:: PROBLEM REQUIREMENTS ::
Each record below should be returned exactly, with its pictures left out.

:: Dataset entries ::
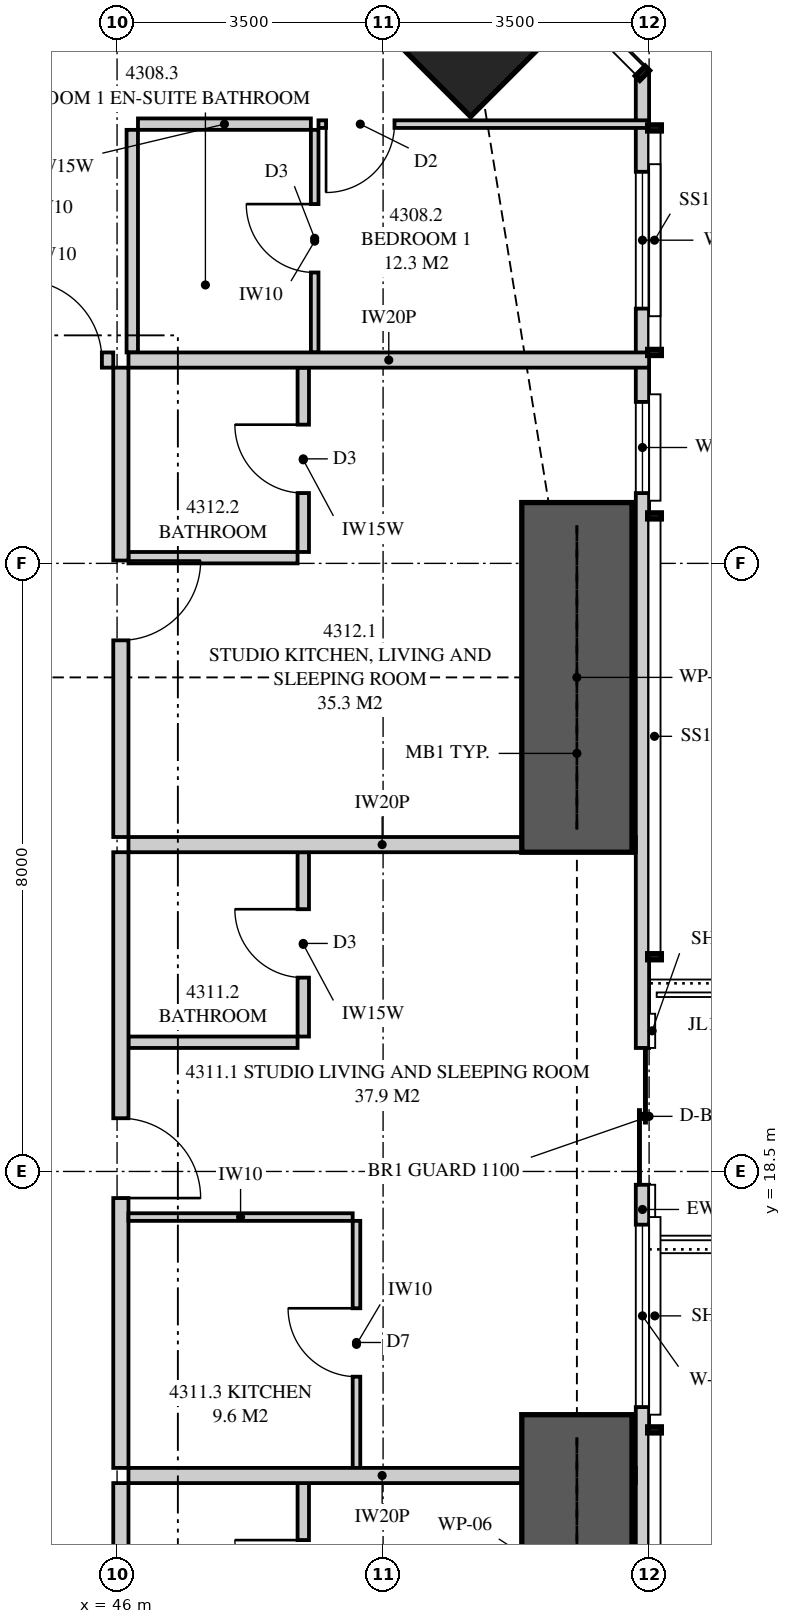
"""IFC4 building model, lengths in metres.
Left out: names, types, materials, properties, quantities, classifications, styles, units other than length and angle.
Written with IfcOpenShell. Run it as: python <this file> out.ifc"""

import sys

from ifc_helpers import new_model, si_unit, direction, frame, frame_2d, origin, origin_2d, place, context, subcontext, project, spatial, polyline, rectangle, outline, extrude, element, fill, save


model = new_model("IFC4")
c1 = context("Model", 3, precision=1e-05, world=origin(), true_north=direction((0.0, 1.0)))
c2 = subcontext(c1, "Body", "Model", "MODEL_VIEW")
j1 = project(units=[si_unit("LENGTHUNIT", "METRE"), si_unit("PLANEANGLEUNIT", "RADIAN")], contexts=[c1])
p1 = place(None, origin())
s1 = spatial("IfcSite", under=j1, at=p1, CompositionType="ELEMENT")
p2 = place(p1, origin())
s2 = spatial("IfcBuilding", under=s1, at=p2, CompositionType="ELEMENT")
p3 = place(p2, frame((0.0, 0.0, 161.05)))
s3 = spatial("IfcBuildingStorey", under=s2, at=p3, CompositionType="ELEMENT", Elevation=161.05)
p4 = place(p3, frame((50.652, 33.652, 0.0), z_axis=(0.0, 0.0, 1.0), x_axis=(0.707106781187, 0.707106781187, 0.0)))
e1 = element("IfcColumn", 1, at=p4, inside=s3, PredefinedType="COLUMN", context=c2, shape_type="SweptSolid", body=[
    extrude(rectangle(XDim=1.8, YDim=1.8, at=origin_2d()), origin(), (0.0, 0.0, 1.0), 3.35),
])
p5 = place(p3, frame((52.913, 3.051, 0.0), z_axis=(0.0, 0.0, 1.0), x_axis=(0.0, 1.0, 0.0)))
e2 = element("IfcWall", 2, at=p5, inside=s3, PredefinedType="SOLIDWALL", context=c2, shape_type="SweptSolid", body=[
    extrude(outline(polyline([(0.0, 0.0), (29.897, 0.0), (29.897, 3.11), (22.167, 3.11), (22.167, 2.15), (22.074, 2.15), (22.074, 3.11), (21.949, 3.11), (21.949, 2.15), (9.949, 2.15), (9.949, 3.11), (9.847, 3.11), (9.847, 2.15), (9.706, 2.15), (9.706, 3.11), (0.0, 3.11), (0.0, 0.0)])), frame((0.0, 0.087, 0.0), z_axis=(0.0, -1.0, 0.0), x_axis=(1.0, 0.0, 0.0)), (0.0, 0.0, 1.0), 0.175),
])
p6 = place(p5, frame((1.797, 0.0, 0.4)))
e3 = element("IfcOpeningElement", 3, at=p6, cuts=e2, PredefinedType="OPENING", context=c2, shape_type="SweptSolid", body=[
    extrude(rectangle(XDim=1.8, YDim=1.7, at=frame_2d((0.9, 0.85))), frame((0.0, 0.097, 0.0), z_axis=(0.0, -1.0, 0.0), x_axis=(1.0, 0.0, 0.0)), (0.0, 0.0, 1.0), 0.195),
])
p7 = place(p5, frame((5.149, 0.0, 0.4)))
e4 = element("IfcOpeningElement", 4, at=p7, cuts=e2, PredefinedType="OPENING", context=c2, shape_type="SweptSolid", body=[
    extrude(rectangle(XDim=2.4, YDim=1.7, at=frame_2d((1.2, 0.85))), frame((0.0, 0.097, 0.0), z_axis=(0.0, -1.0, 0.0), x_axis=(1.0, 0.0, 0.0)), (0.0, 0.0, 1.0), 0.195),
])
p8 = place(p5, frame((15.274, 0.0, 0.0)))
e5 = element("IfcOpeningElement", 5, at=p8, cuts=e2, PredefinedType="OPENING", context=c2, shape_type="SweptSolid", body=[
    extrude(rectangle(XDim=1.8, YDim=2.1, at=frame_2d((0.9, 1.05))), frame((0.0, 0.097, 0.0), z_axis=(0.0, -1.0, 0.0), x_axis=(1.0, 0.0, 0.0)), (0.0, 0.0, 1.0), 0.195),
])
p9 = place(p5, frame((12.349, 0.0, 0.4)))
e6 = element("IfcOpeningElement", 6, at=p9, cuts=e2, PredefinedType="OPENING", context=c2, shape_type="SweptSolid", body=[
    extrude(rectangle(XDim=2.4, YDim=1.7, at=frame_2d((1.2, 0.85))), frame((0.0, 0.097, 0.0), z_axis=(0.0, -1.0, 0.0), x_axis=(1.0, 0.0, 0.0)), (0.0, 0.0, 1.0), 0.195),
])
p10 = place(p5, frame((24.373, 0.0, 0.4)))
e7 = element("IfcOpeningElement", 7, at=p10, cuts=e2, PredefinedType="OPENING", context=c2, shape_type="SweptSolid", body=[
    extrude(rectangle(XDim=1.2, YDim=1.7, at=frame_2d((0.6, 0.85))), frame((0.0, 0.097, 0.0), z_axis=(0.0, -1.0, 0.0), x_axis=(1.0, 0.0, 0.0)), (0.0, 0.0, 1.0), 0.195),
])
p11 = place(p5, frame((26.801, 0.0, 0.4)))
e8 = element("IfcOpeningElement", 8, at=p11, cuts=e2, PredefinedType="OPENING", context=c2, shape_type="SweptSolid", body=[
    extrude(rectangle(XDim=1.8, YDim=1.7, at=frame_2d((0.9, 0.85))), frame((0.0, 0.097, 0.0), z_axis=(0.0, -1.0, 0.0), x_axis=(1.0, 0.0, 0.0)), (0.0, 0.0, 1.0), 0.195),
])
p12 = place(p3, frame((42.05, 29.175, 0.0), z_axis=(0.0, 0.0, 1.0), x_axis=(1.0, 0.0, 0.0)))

:: ANSWER SPACE ::
"""IFC4 building model, lengths in metres.
Left out: names, types, materials, properties, quantities, classifications, styles, units other than length and angle.
Written with IfcOpenShell. Run it as: python <this file> out.ifc"""

import sys

from ifc_helpers import new_model, si_unit, direction, frame, frame_2d, origin, origin_2d, place, context, subcontext, project, spatial, polyline, rectangle, outline, extrude, element, fill, save


model = new_model("IFC4")
c1 = context("Model", 3, precision=1e-05, world=origin(), true_north=direction((0.0, 1.0)))
c2 = subcontext(c1, "Body", "Model", "MODEL_VIEW")
j1 = project(units=[si_unit("LENGTHUNIT", "METRE"), si_unit("PLANEANGLEUNIT", "RADIAN")], contexts=[c1])
p1 = place(None, origin())
s1 = spatial("IfcSite", under=j1, at=p1, CompositionType="ELEMENT")
p2 = place(p1, origin())
s2 = spatial("IfcBuilding", under=s1, at=p2, CompositionType="ELEMENT")
p3 = place(p2, frame((0.0, 0.0, 161.05)))
s3 = spatial("IfcBuildingStorey", under=s2, at=p3, CompositionType="ELEMENT", Elevation=161.05)
p4 = place(p3, frame((50.652, 33.652, 0.0), z_axis=(0.0, 0.0, 1.0), x_axis=(0.707106781187, 0.707106781187, 0.0)))
e1 = element("IfcColumn", 1, at=p4, inside=s3, PredefinedType="COLUMN", context=c2, shape_type="SweptSolid", body=[
    extrude(rectangle(XDim=1.8, YDim=1.8, at=origin_2d()), origin(), (0.0, 0.0, 1.0), 3.35),
])
p5 = place(p3, frame((52.913, 3.051, 0.0), z_axis=(0.0, 0.0, 1.0), x_axis=(0.0, 1.0, 0.0)))
e2 = element("IfcWall", 2, at=p5, inside=s3, PredefinedType="SOLIDWALL", context=c2, shape_type="SweptSolid", body=[
    extrude(outline(polyline([(0.0, 0.0), (29.897, 0.0), (29.897, 3.11), (22.167, 3.11), (22.167, 2.15), (22.074, 2.15), (22.074, 3.11), (21.949, 3.11), (21.949, 2.15), (9.949, 2.15), (9.949, 3.11), (9.847, 3.11), (9.847, 2.15), (9.706, 2.15), (9.706, 3.11), (0.0, 3.11), (0.0, 0.0)])), frame((0.0, 0.087, 0.0), z_axis=(0.0, -1.0, 0.0), x_axis=(1.0, 0.0, 0.0)), (0.0, 0.0, 1.0), 0.175),
])
p6 = place(p5, frame((1.797, 0.0, 0.4)))
e3 = element("IfcOpeningElement", 3, at=p6, cuts=e2, PredefinedType="OPENING", context=c2, shape_type="SweptSolid", body=[
    extrude(rectangle(XDim=1.8, YDim=1.7, at=frame_2d((0.9, 0.85))), frame((0.0, 0.097, 0.0), z_axis=(0.0, -1.0, 0.0), x_axis=(1.0, 0.0, 0.0)), (0.0, 0.0, 1.0), 0.195),
])
p7 = place(p5, frame((5.149, 0.0, 0.4)))
e4 = element("IfcOpeningElement", 4, at=p7, cuts=e2, PredefinedType="OPENING", context=c2, shape_type="SweptSolid", body=[
    extrude(rectangle(XDim=2.4, YDim=1.7, at=frame_2d((1.2, 0.85))), frame((0.0, 0.097, 0.0), z_axis=(0.0, -1.0, 0.0), x_axis=(1.0, 0.0, 0.0)), (0.0, 0.0, 1.0), 0.195),
])
p8 = place(p5, frame((15.274, 0.0, 0.0)))
e5 = element("IfcOpeningElement", 5, at=p8, cuts=e2, PredefinedType="OPENING", context=c2, shape_type="SweptSolid", body=[
    extrude(rectangle(XDim=1.8, YDim=2.1, at=frame_2d((0.9, 1.05))), frame((0.0, 0.097, 0.0), z_axis=(0.0, -1.0, 0.0), x_axis=(1.0, 0.0, 0.0)), (0.0, 0.0, 1.0), 0.195),
])
p9 = place(p5, frame((12.349, 0.0, 0.4)))
e6 = element("IfcOpeningElement", 6, at=p9, cuts=e2, PredefinedType="OPENING", context=c2, shape_type="SweptSolid", body=[
    extrude(rectangle(XDim=2.4, YDim=1.7, at=frame_2d((1.2, 0.85))), frame((0.0, 0.097, 0.0), z_axis=(0.0, -1.0, 0.0), x_axis=(1.0, 0.0, 0.0)), (0.0, 0.0, 1.0), 0.195),
])
p10 = place(p5, frame((24.373, 0.0, 0.4)))
e7 = element("IfcOpeningElement", 7, at=p10, cuts=e2, PredefinedType="OPENING", context=c2, shape_type="SweptSolid", body=[
    extrude(rectangle(XDim=1.2, YDim=1.7, at=frame_2d((0.6, 0.85))), frame((0.0, 0.097, 0.0), z_axis=(0.0, -1.0, 0.0), x_axis=(1.0, 0.0, 0.0)), (0.0, 0.0, 1.0), 0.195),
])
p11 = place(p5, frame((26.801, 0.0, 0.4)))
e8 = element("IfcOpeningElement", 8, at=p11, cuts=e2, PredefinedType="OPENING", context=c2, shape_type="SweptSolid", body=[
    extrude(rectangle(XDim=1.8, YDim=1.7, at=frame_2d((0.9, 0.85))), frame((0.0, 0.097, 0.0), z_axis=(0.0, -1.0, 0.0), x_axis=(1.0, 0.0, 0.0)), (0.0, 0.0, 1.0), 0.195),
])
p12 = place(p3, frame((42.05, 29.175, 0.0), z_axis=(0.0, 0.0, 1.0), x_axis=(1.0, 0.0, 0.0)))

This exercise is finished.